**What this task involves**:
Go through the data underneath and report how many lines hold the string "CIRCLE", giving only the number.

━━━ Data for processing ━━━

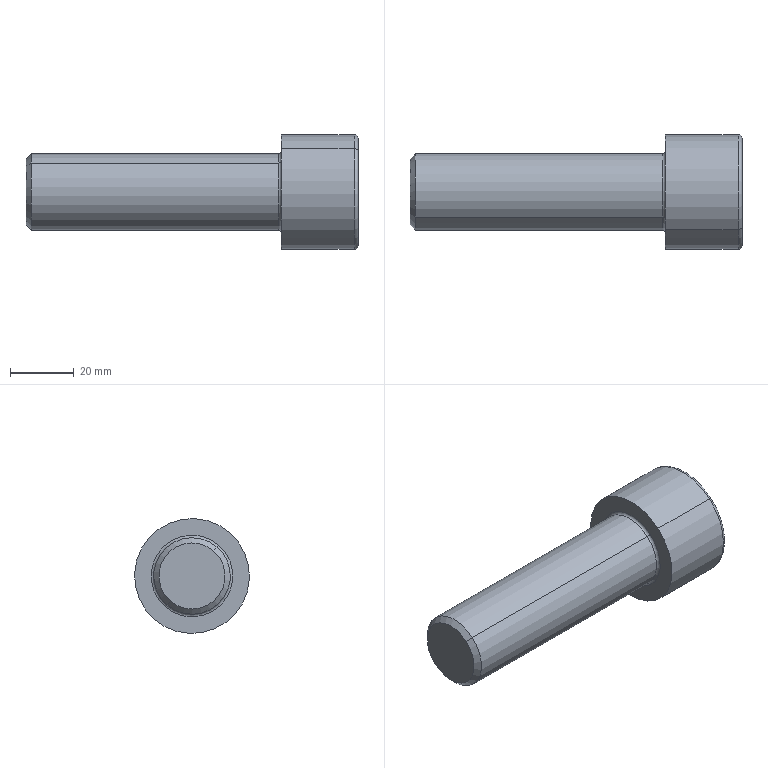Component | SolidWorks | socket head cap screw_iso-3 | 1 solid | 27 faces | box 104 x 36 x 36 mm | volume 55912 mm3 | plane 15 | cone 4 | torus 4 | cylinder 4 | commonest cylinder face diameters 24 x2 36 x2
STEP:
#1=COLOUR_RGB('',0.7922,0.8196,0.9333);
#2=FILL_AREA_STYLE_COLOUR('',#1);
#3=FILL_AREA_STYLE('',(#2));
#4=SURFACE_STYLE_FILL_AREA(#3);
#5=SURFACE_SIDE_STYLE('',(#4));
#6=SURFACE_STYLE_USAGE(.BOTH.,#5);
#7=PRESENTATION_STYLE_ASSIGNMENT((#6));
#8=CARTESIAN_POINT('',(-2.092,1.23,0.6693));
#9=VERTEX_POINT('',#8);
#10=CARTESIAN_POINT('',(-1.873,1.478,0.3823));
#11=VERTEX_POINT('',#10);
#12=CARTESIAN_POINT('',(-1.873,1.478,0.3823));
#13=DIRECTION('',(0.5,0.5664,-0.6551));
#14=VECTOR('',#13,39.37);
#15=LINE('',#12,#14);
#16=EDGE_CURVE('',#9,#11,#15,.T.);
#17=ORIENTED_EDGE('',*,*,#16,.F.);
#18=CARTESIAN_POINT('',(-1.873,0.9822,0.9563));
#19=VERTEX_POINT('',#18);
#20=CARTESIAN_POINT('',(-1.873,0.9822,0.9563));
#21=DIRECTION('',(0.5,-0.5664,0.6551));
#22=VECTOR('',#21,39.37);
#23=LINE('',#20,#22);
#24=EDGE_CURVE('',#9,#19,#23,.T.);
#25=ORIENTED_EDGE('',*,*,#24,.T.);
#26=CARTESIAN_POINT('',(-1.873,0.8577,0.5979));
#27=VERTEX_POINT('',#26);
#28=CARTESIAN_POINT('',(-1.873,1.23,0.6693));
#29=DIRECTION('',(1.,0.,-0.));
#30=DIRECTION('',(0.,0.654,-0.7565));
#31=AXIS2_PLACEMENT_3D('',#28,#29,#30);
#32=CIRCLE('',#31,0.3794);
#33=EDGE_CURVE('',#19,#27,#32,.T.);
#34=ORIENTED_EDGE('',*,*,#33,.T.);
#35=CARTESIAN_POINT('',(-1.873,1.106,0.3109));
#36=VERTEX_POINT('',#35);
#37=CARTESIAN_POINT('',(-1.873,1.23,0.6693));
#38=DIRECTION('',(1.,0.,-0.));
#39=DIRECTION('',(0.,0.654,-0.7565));
#40=AXIS2_PLACEMENT_3D('',#37,#38,#39);
#41=CIRCLE('',#40,0.3794);
#42=EDGE_CURVE('',#27,#36,#41,.T.);
#43=ORIENTED_EDGE('',*,*,#42,.T.);
#44=CARTESIAN_POINT('',(-1.873,1.23,0.6693));
#45=DIRECTION('',(1.,0.,-0.));
#46=DIRECTION('',(0.,0.654,-0.7565));
#47=AXIS2_PLACEMENT_3D('',#44,#45,#46);
#48=CIRCLE('',#47,0.3794);
#49=EDGE_CURVE('',#36,#11,#48,.T.);
#50=ORIENTED_EDGE('',*,*,#49,.T.);
#51=EDGE_LOOP('',(#17,#25,#34,#43,#50));
#52=FACE_OUTER_BOUND('',#51,.T.);
#53=CARTESIAN_POINT('',(-1.873,1.23,0.6693));
#54=DIRECTION('',(1.,0.,-0.));
#55=DIRECTION('',(0.,0.654,-0.7565));
#56=AXIS2_PLACEMENT_3D('',#53,#54,#55);
#57=CONICAL_SURFACE('',#56,0.3794,1.047);
#58=ADVANCED_FACE('',(#52),#57,.F.);
#59=CARTESIAN_POINT('',(-1.425,0.7668,1.205));
#60=VERTEX_POINT('',#59);
#61=CARTESIAN_POINT('',(-1.425,1.694,0.1332));
#62=VERTEX_POINT('',#61);
#63=CARTESIAN_POINT('',(-1.425,1.23,0.6693));
#64=DIRECTION('',(-1.,-0.,0.));
#65=DIRECTION('',(0.,0.654,-0.7565));
#66=AXIS2_PLACEMENT_3D('',#63,#64,#65);
#67=CIRCLE('',#66,0.7087);
#68=EDGE_CURVE('',#60,#62,#67,.T.);
#69=ORIENTED_EDGE('',*,*,#68,.F.);
#70=CARTESIAN_POINT('',(-1.378,0.7977,1.17));
#71=VERTEX_POINT('',#70);
#72=CARTESIAN_POINT('',(-1.425,0.7977,1.17));
#73=DIRECTION('',(-0.,0.7565,0.654));
#74=DIRECTION('',(0.,-0.654,0.7565));
#75=AXIS2_PLACEMENT_3D('',#72,#73,#74);
#76=CIRCLE('',#75,0.04724);
#77=EDGE_CURVE('',#60,#71,#76,.T.);
#78=ORIENTED_EDGE('',*,*,#77,.T.);
#79=CARTESIAN_POINT('',(-1.378,1.663,0.169));
#80=VERTEX_POINT('',#79);
#81=CARTESIAN_POINT('',(-1.378,1.23,0.6693));
#82=DIRECTION('',(1.,0.,-0.));
#83=DIRECTION('',(0.,0.654,-0.7565));
#84=AXIS2_PLACEMENT_3D('',#81,#82,#83);
#85=CIRCLE('',#84,0.6614);
#86=EDGE_CURVE('',#80,#71,#85,.T.);
#87=ORIENTED_EDGE('',*,*,#86,.F.);
#88=CARTESIAN_POINT('',(-1.425,1.663,0.169));
#89=DIRECTION('',(0.,-0.7565,-0.654));
#90=DIRECTION('',(0.,0.654,-0.7565));
#91=AXIS2_PLACEMENT_3D('',#88,#89,#90);
#92=CIRCLE('',#91,0.04724);
#93=EDGE_CURVE('',#62,#80,#92,.T.);
#94=ORIENTED_EDGE('',*,*,#93,.F.);
#95=EDGE_LOOP('',(#69,#78,#87,#94));
#96=FACE_OUTER_BOUND('',#95,.T.);
#97=CARTESIAN_POINT('',(-1.425,1.23,0.6693));
#98=DIRECTION('',(1.,0.,-0.));
#99=DIRECTION('',(-0.,0.654,-0.7565));
#100=AXIS2_PLACEMENT_3D('',#97,#98,#99);
#101=TOROIDAL_SURFACE('',#100,0.6614,0.04724);
#102=ADVANCED_FACE('',(#96),#101,.T.);
#103=CARTESIAN_POINT('',(-2.354,1.539,0.3119));
#104=VERTEX_POINT('',#103);
#105=CARTESIAN_POINT('',(-2.354,0.9213,1.027));
#106=VERTEX_POINT('',#105);
#107=CARTESIAN_POINT('',(-2.354,1.23,0.6693));
#108=DIRECTION('',(-1.,-0.,0.));
#109=DIRECTION('',(0.,-0.654,0.7565));
#110=AXIS2_PLACEMENT_3D('',#107,#108,#109);
#111=CIRCLE('',#110,0.4724);
#112=EDGE_CURVE('',#104,#106,#111,.T.);
#113=ORIENTED_EDGE('',*,*,#112,.F.);
#114=CARTESIAN_POINT('',(-2.323,1.56,0.2881));
#115=VERTEX_POINT('',#114);
#116=CARTESIAN_POINT('',(-2.354,1.56,0.2881));
#117=DIRECTION('',(-0.,0.7565,0.654));
#118=DIRECTION('',(0.,-0.654,0.7565));
#119=AXIS2_PLACEMENT_3D('',#116,#117,#118);
#120=CIRCLE('',#119,0.0315);
#121=EDGE_CURVE('',#104,#115,#120,.T.);
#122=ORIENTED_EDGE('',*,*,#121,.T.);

━━━

**The answer**:
9